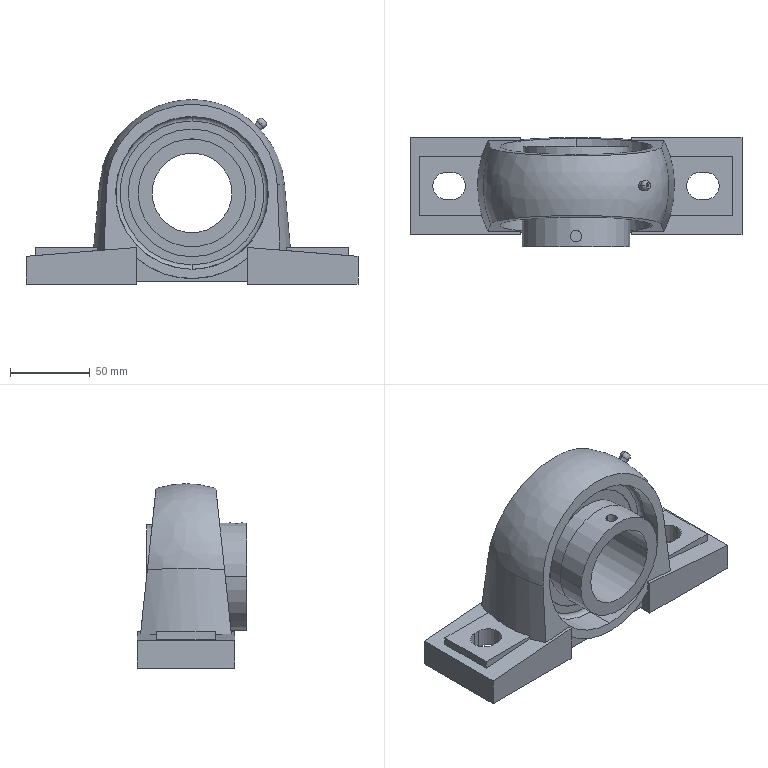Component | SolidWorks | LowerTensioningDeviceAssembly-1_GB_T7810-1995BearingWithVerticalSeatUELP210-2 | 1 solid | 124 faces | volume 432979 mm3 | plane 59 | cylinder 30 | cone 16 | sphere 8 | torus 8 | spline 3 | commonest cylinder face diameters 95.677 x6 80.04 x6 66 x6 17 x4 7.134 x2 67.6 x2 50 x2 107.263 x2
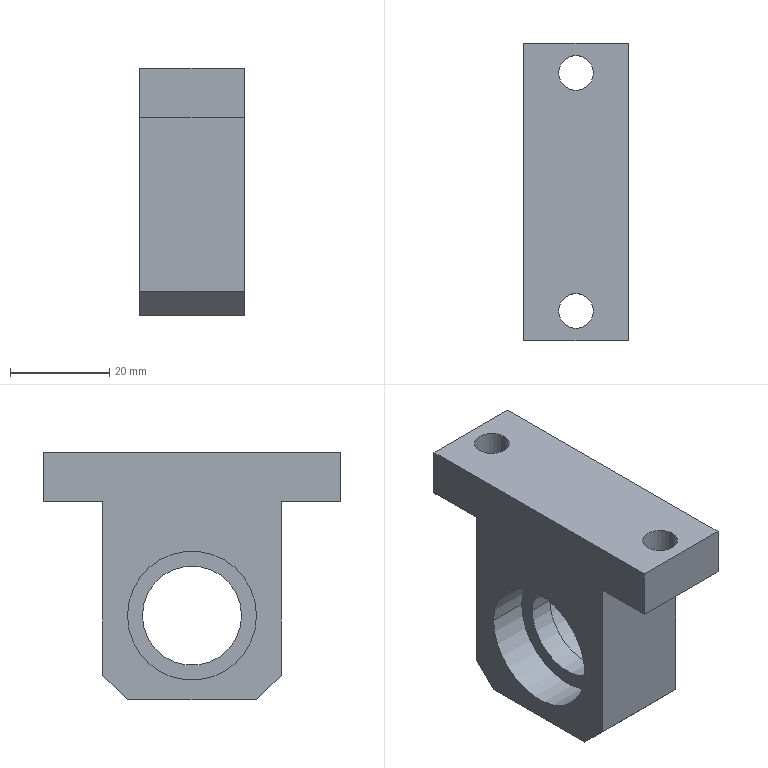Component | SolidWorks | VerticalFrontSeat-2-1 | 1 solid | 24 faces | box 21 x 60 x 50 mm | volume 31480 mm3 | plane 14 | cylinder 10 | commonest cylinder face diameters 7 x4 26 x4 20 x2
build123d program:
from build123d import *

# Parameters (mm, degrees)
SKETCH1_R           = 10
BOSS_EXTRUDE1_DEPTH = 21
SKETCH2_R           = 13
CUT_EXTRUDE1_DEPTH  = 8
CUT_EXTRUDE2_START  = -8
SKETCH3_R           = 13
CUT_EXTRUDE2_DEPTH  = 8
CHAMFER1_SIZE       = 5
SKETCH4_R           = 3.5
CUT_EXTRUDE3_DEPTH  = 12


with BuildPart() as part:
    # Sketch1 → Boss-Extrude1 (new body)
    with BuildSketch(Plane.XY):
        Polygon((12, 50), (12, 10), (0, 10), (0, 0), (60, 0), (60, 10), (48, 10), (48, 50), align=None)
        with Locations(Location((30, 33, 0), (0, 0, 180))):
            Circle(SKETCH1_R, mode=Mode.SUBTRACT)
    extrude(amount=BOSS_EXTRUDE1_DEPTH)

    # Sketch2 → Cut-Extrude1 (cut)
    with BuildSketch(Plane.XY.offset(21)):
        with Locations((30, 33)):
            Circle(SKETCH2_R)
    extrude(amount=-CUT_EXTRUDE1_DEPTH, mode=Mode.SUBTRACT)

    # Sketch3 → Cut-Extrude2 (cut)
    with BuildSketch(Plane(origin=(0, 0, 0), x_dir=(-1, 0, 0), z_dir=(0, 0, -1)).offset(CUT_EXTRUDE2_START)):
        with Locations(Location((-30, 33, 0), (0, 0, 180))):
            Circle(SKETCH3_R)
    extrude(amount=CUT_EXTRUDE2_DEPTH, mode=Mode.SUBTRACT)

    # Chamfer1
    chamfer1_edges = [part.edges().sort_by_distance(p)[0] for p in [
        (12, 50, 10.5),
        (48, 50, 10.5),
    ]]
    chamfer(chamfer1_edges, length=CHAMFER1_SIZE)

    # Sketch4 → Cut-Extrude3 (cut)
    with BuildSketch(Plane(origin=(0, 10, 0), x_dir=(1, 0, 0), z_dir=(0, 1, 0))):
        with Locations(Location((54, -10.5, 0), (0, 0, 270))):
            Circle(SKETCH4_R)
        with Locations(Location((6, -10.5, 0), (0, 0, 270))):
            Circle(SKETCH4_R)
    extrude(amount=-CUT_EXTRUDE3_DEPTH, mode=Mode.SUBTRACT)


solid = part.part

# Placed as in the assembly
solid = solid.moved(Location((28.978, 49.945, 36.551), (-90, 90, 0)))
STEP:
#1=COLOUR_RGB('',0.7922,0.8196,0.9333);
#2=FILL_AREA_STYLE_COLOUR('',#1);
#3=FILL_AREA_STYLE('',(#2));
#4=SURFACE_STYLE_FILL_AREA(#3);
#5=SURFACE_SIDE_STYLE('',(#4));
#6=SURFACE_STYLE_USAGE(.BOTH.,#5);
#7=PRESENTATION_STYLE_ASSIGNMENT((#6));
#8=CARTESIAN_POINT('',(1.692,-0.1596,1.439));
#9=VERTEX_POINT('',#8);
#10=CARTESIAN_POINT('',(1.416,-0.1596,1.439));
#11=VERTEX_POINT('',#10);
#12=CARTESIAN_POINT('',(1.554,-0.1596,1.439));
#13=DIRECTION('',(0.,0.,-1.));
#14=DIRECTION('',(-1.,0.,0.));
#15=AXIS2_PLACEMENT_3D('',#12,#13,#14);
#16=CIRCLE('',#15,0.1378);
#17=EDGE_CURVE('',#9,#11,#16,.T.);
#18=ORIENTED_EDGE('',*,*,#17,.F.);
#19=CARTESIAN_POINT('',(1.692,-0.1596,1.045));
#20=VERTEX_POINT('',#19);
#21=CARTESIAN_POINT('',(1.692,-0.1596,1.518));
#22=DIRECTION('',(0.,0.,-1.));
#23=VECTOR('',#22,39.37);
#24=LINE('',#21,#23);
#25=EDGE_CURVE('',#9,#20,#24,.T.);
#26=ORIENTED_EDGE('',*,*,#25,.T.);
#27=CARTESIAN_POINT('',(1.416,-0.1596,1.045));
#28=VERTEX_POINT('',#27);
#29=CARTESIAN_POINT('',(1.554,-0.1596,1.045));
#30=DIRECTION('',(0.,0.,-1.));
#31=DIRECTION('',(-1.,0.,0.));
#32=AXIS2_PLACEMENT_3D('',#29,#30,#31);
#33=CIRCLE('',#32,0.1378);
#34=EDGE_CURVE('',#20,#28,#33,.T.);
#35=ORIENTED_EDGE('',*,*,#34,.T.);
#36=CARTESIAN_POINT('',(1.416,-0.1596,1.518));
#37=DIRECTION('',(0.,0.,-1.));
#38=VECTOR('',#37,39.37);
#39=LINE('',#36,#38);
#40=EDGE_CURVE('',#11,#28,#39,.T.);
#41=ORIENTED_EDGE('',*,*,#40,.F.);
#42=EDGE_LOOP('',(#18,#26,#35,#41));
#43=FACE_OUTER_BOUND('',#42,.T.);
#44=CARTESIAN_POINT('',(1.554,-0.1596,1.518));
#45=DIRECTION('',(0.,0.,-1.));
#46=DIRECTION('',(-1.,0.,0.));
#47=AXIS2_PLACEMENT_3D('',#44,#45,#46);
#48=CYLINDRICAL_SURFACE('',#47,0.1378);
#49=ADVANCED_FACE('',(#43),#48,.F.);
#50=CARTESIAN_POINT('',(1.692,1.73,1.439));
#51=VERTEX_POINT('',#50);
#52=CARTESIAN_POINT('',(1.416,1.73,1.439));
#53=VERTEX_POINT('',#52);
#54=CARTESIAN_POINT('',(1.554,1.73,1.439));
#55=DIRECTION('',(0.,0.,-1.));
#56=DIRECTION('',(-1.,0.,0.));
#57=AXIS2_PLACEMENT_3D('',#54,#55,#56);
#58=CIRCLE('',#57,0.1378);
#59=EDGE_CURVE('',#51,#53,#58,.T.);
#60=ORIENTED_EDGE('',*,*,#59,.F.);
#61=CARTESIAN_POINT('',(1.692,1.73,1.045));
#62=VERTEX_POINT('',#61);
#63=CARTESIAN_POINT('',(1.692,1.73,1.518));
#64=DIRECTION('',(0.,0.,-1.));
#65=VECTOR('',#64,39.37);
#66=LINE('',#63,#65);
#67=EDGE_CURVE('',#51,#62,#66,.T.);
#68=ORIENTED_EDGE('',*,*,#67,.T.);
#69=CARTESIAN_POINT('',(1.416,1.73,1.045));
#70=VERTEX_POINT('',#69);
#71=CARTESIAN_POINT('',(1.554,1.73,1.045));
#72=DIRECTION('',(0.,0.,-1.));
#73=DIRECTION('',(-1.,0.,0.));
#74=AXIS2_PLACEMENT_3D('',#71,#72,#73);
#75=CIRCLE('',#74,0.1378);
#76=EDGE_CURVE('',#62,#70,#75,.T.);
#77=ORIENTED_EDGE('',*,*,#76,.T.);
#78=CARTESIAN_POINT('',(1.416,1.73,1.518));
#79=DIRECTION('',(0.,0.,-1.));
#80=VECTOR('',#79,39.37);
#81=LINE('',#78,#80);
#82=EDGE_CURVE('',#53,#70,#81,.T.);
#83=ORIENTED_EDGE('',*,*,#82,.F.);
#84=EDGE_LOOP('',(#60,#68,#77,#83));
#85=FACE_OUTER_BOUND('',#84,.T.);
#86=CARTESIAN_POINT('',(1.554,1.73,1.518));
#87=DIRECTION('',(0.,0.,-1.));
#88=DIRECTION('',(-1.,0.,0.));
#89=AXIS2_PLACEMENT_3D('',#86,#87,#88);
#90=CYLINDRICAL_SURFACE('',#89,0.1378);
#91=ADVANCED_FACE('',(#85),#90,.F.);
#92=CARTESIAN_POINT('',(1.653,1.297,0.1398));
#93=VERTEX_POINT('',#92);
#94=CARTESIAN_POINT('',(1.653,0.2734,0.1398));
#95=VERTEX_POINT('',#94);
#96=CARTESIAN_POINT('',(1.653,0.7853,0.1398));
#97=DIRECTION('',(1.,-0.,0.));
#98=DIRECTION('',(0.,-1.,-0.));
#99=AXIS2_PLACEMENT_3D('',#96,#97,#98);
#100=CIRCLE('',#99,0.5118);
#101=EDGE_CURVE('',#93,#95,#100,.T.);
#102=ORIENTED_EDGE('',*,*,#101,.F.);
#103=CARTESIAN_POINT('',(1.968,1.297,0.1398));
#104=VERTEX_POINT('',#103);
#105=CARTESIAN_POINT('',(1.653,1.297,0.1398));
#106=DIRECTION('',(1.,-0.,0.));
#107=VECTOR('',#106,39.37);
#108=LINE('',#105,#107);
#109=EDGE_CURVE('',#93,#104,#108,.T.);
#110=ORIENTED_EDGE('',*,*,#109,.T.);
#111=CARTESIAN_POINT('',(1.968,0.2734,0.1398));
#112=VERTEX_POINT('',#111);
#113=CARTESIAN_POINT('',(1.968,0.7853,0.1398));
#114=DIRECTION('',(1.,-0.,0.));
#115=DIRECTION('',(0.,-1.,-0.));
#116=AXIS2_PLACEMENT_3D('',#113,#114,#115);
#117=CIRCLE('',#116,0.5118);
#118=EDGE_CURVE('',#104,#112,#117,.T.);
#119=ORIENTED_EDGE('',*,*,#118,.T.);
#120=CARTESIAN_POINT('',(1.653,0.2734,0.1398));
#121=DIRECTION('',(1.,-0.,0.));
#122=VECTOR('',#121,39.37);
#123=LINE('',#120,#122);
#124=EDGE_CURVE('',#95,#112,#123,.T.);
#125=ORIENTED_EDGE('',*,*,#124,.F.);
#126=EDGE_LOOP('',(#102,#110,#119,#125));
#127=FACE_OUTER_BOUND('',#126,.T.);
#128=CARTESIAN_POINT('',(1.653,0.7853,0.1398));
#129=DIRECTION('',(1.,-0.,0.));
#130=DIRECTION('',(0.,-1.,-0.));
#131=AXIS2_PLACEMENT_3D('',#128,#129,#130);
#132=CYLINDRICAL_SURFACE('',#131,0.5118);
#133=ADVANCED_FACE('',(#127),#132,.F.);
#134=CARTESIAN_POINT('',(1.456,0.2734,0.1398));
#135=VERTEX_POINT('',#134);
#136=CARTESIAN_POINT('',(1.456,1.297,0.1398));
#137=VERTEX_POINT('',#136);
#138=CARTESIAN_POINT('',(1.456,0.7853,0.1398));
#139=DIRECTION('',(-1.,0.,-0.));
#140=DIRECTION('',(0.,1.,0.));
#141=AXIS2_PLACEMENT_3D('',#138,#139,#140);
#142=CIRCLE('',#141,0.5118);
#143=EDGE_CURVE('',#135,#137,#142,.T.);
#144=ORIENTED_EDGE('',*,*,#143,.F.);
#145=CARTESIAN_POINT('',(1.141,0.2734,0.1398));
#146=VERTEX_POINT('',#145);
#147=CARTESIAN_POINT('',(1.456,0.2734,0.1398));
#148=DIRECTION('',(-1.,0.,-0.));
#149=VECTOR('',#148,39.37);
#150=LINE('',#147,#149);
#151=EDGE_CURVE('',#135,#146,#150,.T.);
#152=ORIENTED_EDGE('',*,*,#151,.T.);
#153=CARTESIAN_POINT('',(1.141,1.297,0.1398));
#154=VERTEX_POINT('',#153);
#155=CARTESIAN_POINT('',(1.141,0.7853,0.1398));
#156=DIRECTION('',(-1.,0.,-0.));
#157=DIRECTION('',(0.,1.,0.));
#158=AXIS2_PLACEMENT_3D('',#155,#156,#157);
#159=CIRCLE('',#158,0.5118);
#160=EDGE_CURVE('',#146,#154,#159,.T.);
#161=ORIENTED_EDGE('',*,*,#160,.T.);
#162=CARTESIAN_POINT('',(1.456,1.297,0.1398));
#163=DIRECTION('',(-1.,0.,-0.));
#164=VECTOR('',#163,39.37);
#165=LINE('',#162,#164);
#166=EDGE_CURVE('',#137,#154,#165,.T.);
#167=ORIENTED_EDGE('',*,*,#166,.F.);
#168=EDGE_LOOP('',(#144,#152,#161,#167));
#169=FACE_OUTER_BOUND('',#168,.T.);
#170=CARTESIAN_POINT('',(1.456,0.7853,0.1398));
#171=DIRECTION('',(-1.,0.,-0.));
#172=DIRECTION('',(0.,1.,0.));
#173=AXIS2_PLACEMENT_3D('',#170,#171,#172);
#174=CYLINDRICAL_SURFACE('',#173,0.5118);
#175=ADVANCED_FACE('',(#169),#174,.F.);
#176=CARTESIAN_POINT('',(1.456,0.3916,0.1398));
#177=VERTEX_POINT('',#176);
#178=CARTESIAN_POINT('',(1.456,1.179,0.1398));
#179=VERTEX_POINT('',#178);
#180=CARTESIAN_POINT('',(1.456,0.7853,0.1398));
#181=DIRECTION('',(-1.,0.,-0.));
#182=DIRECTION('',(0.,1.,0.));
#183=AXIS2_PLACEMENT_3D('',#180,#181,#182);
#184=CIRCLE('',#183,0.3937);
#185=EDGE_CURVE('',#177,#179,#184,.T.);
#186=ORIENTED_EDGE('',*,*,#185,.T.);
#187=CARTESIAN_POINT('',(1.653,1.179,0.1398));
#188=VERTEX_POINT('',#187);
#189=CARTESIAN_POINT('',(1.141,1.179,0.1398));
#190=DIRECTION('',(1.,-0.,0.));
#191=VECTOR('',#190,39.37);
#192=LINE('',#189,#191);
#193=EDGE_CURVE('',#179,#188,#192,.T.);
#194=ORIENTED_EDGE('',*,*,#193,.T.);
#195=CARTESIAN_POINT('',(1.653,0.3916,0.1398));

_ _ _ _ _ _ _

From the line that has "#32=AXIS2_PLACEMENT_3D('',#29,#30,#31);" through the line that has "#39=LINE('',#36,#38);", copy every line exactly as it appears above, and leave out all others.

■ Answer to this exercise:
#32=AXIS2_PLACEMENT_3D('',#29,#30,#31);
#33=CIRCLE('',#32,0.1378);
#34=EDGE_CURVE('',#20,#28,#33,.T.);
#35=ORIENTED_EDGE('',*,*,#34,.T.);
#36=CARTESIAN_POINT('',(1.416,-0.1596,1.518));
#37=DIRECTION('',(0.,0.,-1.));
#38=VECTOR('',#37,39.37);
#39=LINE('',#36,#38);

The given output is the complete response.